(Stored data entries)
• • •

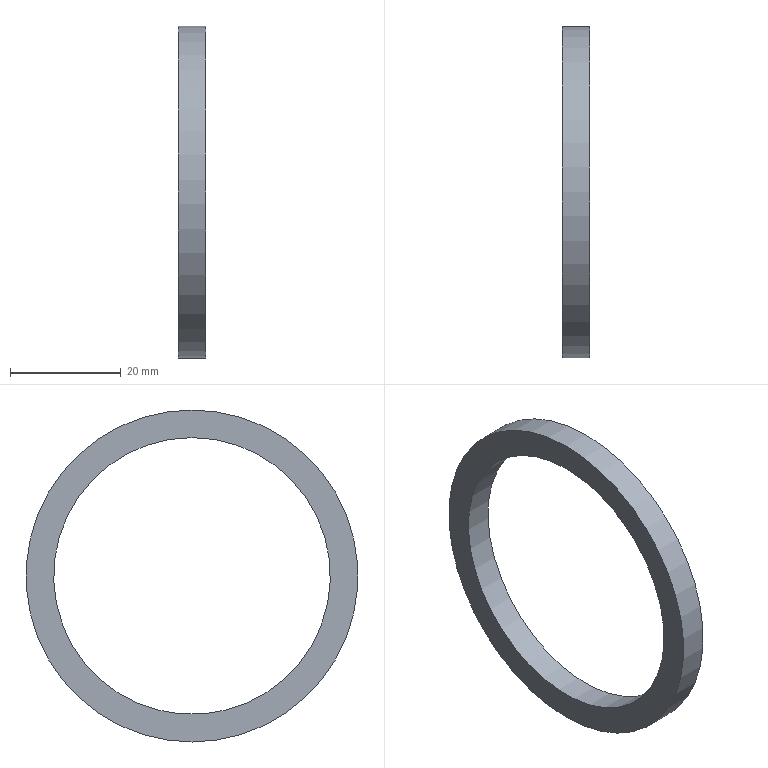Component | NX | PIN_SHAFT_WASHER | 1 solid | 4 faces | box 5 x 60 x 60 mm | volume 4320 mm3 | cylinder 2 | plane 2 | commonest cylinder face diameters 60 x1 50 x1
STEP:
#1=CARTESIAN_POINT('',(0.,0.,0.));
#2=DIRECTION('',(0.,0.,1.));
#3=DIRECTION('',(1.,0.,0.));
#4=AXIS2_PLACEMENT_3D('',#1,#2,#3);
#5=CARTESIAN_POINT('',(74.458,-1168.882,694.997));
#6=VERTEX_POINT('',#5);
#7=CARTESIAN_POINT('',(74.458,-1168.882,664.997));
#8=DIRECTION('',(1.,0.,0.));
#9=DIRECTION('',(0.,0.,1.));
#10=AXIS2_PLACEMENT_3D('',#7,#8,#9);
#11=CIRCLE('',#10,30.);
#12=CARTESIAN_POINT('',(74.458,-1168.882,664.997));
#13=DIRECTION('',(1.,0.,0.));
#14=DIRECTION('',(0.,0.,-1.));
#15=AXIS2_PLACEMENT_3D('',#12,#13,#14);
#16=CYLINDRICAL_SURFACE('',#15,30.);
#17=CARTESIAN_POINT('',(3.142,0.));
#18=DIRECTION('',(1.,0.));
#19=VECTOR('',#18,1.);
#20=LINE('',#17,#19);
#21=(GEOMETRIC_REPRESENTATION_CONTEXT(2)PARAMETRIC_REPRESENTATION_CONTEXT()REPRESENTATION_CONTEXT('',''));
#22=DEFINITIONAL_REPRESENTATION('',(#20),#21);
#23=PCURVE('',#16,#22);
#24=CARTESIAN_POINT('',(74.458,-1168.882,664.997));
#25=DIRECTION('',(1.,0.,0.));
#26=DIRECTION('',(0.,0.,-1.));
#27=AXIS2_PLACEMENT_3D('',#24,#25,#26);
#28=PLANE('',#27);
#29=CARTESIAN_POINT('',(0.,0.));
#30=DIRECTION('',(-1.,0.));
#31=AXIS2_PLACEMENT_2D('',#29,#30);
#32=CIRCLE('',#31,30.);
#33=(GEOMETRIC_REPRESENTATION_CONTEXT(2)PARAMETRIC_REPRESENTATION_CONTEXT()REPRESENTATION_CONTEXT('',''));
#34=DEFINITIONAL_REPRESENTATION('',(#32),#33);
#35=PCURVE('',#28,#34);
#36=SURFACE_CURVE('',#11,(#23,#35),.PCURVE_S1.);
#37=EDGE_CURVE('',#6,#6,#36,.T.);
#38=ORIENTED_EDGE('',*,*,#37,.T.);
#39=CARTESIAN_POINT('',(79.458,-1168.882,694.997));
#40=VERTEX_POINT('',#39);
#41=CARTESIAN_POINT('',(74.458,-1168.882,694.997));
#42=CARTESIAN_POINT('',(79.458,-1168.882,694.997));
#43=B_SPLINE_CURVE_WITH_KNOTS('',1,(#41,#42),.UNSPECIFIED.,.F.,.F.,(2,2),(0.,5.),.PIECEWISE_BEZIER_KNOTS.);
#44=CARTESIAN_POINT('',(9.425,0.));
#45=DIRECTION('',(0.,1.));
#46=VECTOR('',#45,1.);
#47=LINE('',#44,#46);
#48=(GEOMETRIC_REPRESENTATION_CONTEXT(2)PARAMETRIC_REPRESENTATION_CONTEXT()REPRESENTATION_CONTEXT('',''));
#49=DEFINITIONAL_REPRESENTATION('',(#47),#48);
#50=PCURVE('',#16,#49);
#51=CARTESIAN_POINT('',(3.142,0.));
#52=DIRECTION('',(0.,1.));
#53=VECTOR('',#52,1.);
#54=LINE('',#51,#53);
#55=(GEOMETRIC_REPRESENTATION_CONTEXT(2)PARAMETRIC_REPRESENTATION_CONTEXT()REPRESENTATION_CONTEXT('',''));
#56=DEFINITIONAL_REPRESENTATION('',(#54),#55);
#57=PCURVE('',#16,#56);
#58=SEAM_CURVE('',#43,(#50,#57),.PCURVE_S1.);
#59=EDGE_CURVE('',#6,#40,#58,.T.);
#60=ORIENTED_EDGE('',*,*,#59,.T.);
#61=CARTESIAN_POINT('',(79.458,-1168.882,664.997));
#62=DIRECTION('',(1.,0.,0.));
#63=DIRECTION('',(0.,0.,1.));
#64=AXIS2_PLACEMENT_3D('',#61,#62,#63);
#65=CIRCLE('',#64,30.);
#66=CARTESIAN_POINT('',(3.142,5.));
#67=DIRECTION('',(1.,0.));
#68=VECTOR('',#67,1.);
#69=LINE('',#66,#68);
#70=(GEOMETRIC_REPRESENTATION_CONTEXT(2)PARAMETRIC_REPRESENTATION_CONTEXT()REPRESENTATION_CONTEXT('',''));
#71=DEFINITIONAL_REPRESENTATION('',(#69),#70);
#72=PCURVE('',#16,#71);
#73=CARTESIAN_POINT('',(79.458,-1168.882,664.997));
#74=DIRECTION('',(1.,0.,0.));
#75=DIRECTION('',(0.,0.,-1.));
#76=AXIS2_PLACEMENT_3D('',#73,#74,#75);
#77=PLANE('',#76);
#78=CARTESIAN_POINT('',(0.,0.));
#79=DIRECTION('',(-1.,0.));
#80=AXIS2_PLACEMENT_2D('',#78,#79);
#81=CIRCLE('',#80,30.);
#82=(GEOMETRIC_REPRESENTATION_CONTEXT(2)PARAMETRIC_REPRESENTATION_CONTEXT()REPRESENTATION_CONTEXT('',''));
#83=DEFINITIONAL_REPRESENTATION('',(#81),#82);
#84=PCURVE('',#77,#83);
#85=SURFACE_CURVE('',#65,(#72,#84),.PCURVE_S1.);
#86=EDGE_CURVE('',#40,#40,#85,.T.);
#87=ORIENTED_EDGE('',*,*,#86,.F.);
#88=ORIENTED_EDGE('',*,*,#59,.F.);
#89=EDGE_LOOP('',(#38,#60,#87,#88));
#90=FACE_BOUND('',#89,.T.);
#91=ADVANCED_FACE('',(#90),#16,.T.);
#92=CARTESIAN_POINT('',(74.458,-1168.882,689.997));
#93=VERTEX_POINT('',#92);
#94=CARTESIAN_POINT('',(74.458,-1168.882,664.997));
#95=DIRECTION('',(1.,0.,0.));
#96=DIRECTION('',(0.,0.,1.));
#97=AXIS2_PLACEMENT_3D('',#94,#95,#96);
#98=CIRCLE('',#97,25.);
#99=CARTESIAN_POINT('',(74.458,-1168.882,664.997));
#100=DIRECTION('',(1.,0.,0.));
#101=DIRECTION('',(0.,0.,-1.));
#102=AXIS2_PLACEMENT_3D('',#99,#100,#101);
#103=CYLINDRICAL_SURFACE('',#102,25.);
#104=CARTESIAN_POINT('',(3.142,0.));
#105=DIRECTION('',(1.,0.));
#106=VECTOR('',#105,1.);
#107=LINE('',#104,#106);
#108=(GEOMETRIC_REPRESENTATION_CONTEXT(2)PARAMETRIC_REPRESENTATION_CONTEXT()REPRESENTATION_CONTEXT('',''));
#109=DEFINITIONAL_REPRESENTATION('',(#107),#108);
#110=PCURVE('',#103,#109);
#111=CARTESIAN_POINT('',(0.,0.));
#112=DIRECTION('',(-1.,0.));
#113=AXIS2_PLACEMENT_2D('',#111,#112);
#114=CIRCLE('',#113,25.);
#115=(GEOMETRIC_REPRESENTATION_CONTEXT(2)PARAMETRIC_REPRESENTATION_CONTEXT()REPRESENTATION_CONTEXT('',''));
#116=DEFINITIONAL_REPRESENTATION('',(#114),#115);
#117=PCURVE('',#28,#116);
#118=SURFACE_CURVE('',#98,(#110,#117),.PCURVE_S1.);
#119=EDGE_CURVE('',#93,#93,#118,.T.);
#120=ORIENTED_EDGE('',*,*,#119,.T.);
#121=CARTESIAN_POINT('',(79.458,-1168.882,689.997));
#122=VERTEX_POINT('',#121);
#123=CARTESIAN_POINT('',(74.458,-1168.882,689.997));
#124=CARTESIAN_POINT('',(79.458,-1168.882,689.997));
#125=B_SPLINE_CURVE_WITH_KNOTS('',1,(#123,#124),.UNSPECIFIED.,.F.,.F.,(2,2),(0.,5.),.PIECEWISE_BEZIER_KNOTS.);
#126=CARTESIAN_POINT('',(9.425,0.));
#127=DIRECTION('',(0.,1.));
#128=VECTOR('',#127,1.);
#129=LINE('',#126,#128);
#130=(GEOMETRIC_REPRESENTATION_CONTEXT(2)PARAMETRIC_REPRESENTATION_CONTEXT()REPRESENTATION_CONTEXT('',''));
#131=DEFINITIONAL_REPRESENTATION('',(#129),#130);
#132=PCURVE('',#103,#131);
#133=CARTESIAN_POINT('',(3.142,0.));
#134=DIRECTION('',(0.,1.));
#135=VECTOR('',#134,1.);
#136=LINE('',#133,#135);
#137=(GEOMETRIC_REPRESENTATION_CONTEXT(2)PARAMETRIC_REPRESENTATION_CONTEXT()REPRESENTATION_CONTEXT('',''));
#138=DEFINITIONAL_REPRESENTATION('',(#136),#137);
#139=PCURVE('',#103,#138);
#140=SEAM_CURVE('',#125,(#132,#139),.PCURVE_S1.);
#141=EDGE_CURVE('',#93,#122,#140,.T.);
#142=ORIENTED_EDGE('',*,*,#141,.T.);
#143=CARTESIAN_POINT('',(79.458,-1168.882,664.997));
#144=DIRECTION('',(1.,0.,0.));
#145=DIRECTION('',(0.,0.,1.));
#146=AXIS2_PLACEMENT_3D('',#143,#144,#145);
#147=CIRCLE('',#146,25.);
#148=CARTESIAN_POINT('',(3.142,5.));
#149=DIRECTION('',(1.,0.));
#150=VECTOR('',#149,1.);
#151=LINE('',#148,#150);
#152=(GEOMETRIC_REPRESENTATION_CONTEXT(2)PARAMETRIC_REPRESENTATION_CONTEXT()REPRESENTATION_CONTEXT('',''));
#153=DEFINITIONAL_REPRESENTATION('',(#151),#152);
#154=PCURVE('',#103,#153);
#155=CARTESIAN_POINT('',(0.,0.));
#156=DIRECTION('',(-1.,0.));
#157=AXIS2_PLACEMENT_2D('',#155,#156);
#158=CIRCLE('',#157,25.);
#159=(GEOMETRIC_REPRESENTATION_CONTEXT(2)PARAMETRIC_REPRESENTATION_CONTEXT()REPRESENTATION_CONTEXT('',''));
#160=DEFINITIONAL_REPRESENTATION('',(#158),#159);
#161=PCURVE('',#77,#160);
#162=SURFACE_CURVE('',#147,(#154,#161),.PCURVE_S1.);
#163=EDGE_CURVE('',#122,#122,#162,.T.);
#164=ORIENTED_EDGE('',*,*,#163,.F.);
#165=ORIENTED_EDGE('',*,*,#141,.F.);
#166=EDGE_LOOP('',(#120,#142,#164,#165));
#167=FACE_BOUND('',#166,.F.);
#168=ADVANCED_FACE('',(#167),#103,.F.);
#169=ORIENTED_EDGE('',*,*,#37,.F.);
#170=EDGE_LOOP('',(#169));
#171=FACE_BOUND('',#170,.T.);
#172=ORIENTED_EDGE('',*,*,#119,.T.);
#173=EDGE_LOOP('',(#172));
#174=FACE_BOUND('',#173,.T.);
#175=ADVANCED_FACE('',(#171,#174),#28,.F.);
#176=ORIENTED_EDGE('',*,*,#86,.T.);
#177=EDGE_LOOP('',(#176));
#178=FACE_BOUND('',#177,.T.);
#179=ORIENTED_EDGE('',*,*,#163,.F.);
#180=EDGE_LOOP('',(#179));
#181=FACE_BOUND('',#180,.T.);
#182=ADVANCED_FACE('',(#178,#181),#77,.T.);
#183=CLOSED_SHELL('',(#91,#168,#175,#182));
#184=MANIFOLD_SOLID_BREP('',#183);
#185=(LENGTH_UNIT()NAMED_UNIT(*)SI_UNIT(.MILLI.,.METRE.));
#186=UNCERTAINTY_MEASURE_WITH_UNIT(LENGTH_MEASURE(0.00001),#185,'','');
#187=(NAMED_UNIT(*)PLANE_ANGLE_UNIT()SI_UNIT($,.RADIAN.));
#188=(NAMED_UNIT(*)SI_UNIT($,.STERADIAN.)SOLID_ANGLE_UNIT());
#189=(GEOMETRIC_REPRESENTATION_CONTEXT(3)GLOBAL_UNCERTAINTY_ASSIGNED_CONTEXT((#186))GLOBAL_UNIT_ASSIGNED_CONTEXT((#185,#187,#188))REPRESENTATION_CONTEXT('',''));
#190=ADVANCED_BREP_SHAPE_REPRESENTATION('',(#4,#184),#189);

• • •

### PROMPT
Write down, word for word, the lines above from the one containing "#162=SURFACE_CURVE('',#147,(#154,#161),.PCURVE_S1.);" through the one containing "#167=FACE_BOUND('',#166,.F.);", both ends included.

### ANSWER TO THE PROBLEM
#162=SURFACE_CURVE('',#147,(#154,#161),.PCURVE_S1.);
#163=EDGE_CURVE('',#122,#122,#162,.T.);
#164=ORIENTED_EDGE('',*,*,#163,.F.);
#165=ORIENTED_EDGE('',*,*,#141,.F.);
#166=EDGE_LOOP('',(#120,#142,#164,#165));
#167=FACE_BOUND('',#166,.F.);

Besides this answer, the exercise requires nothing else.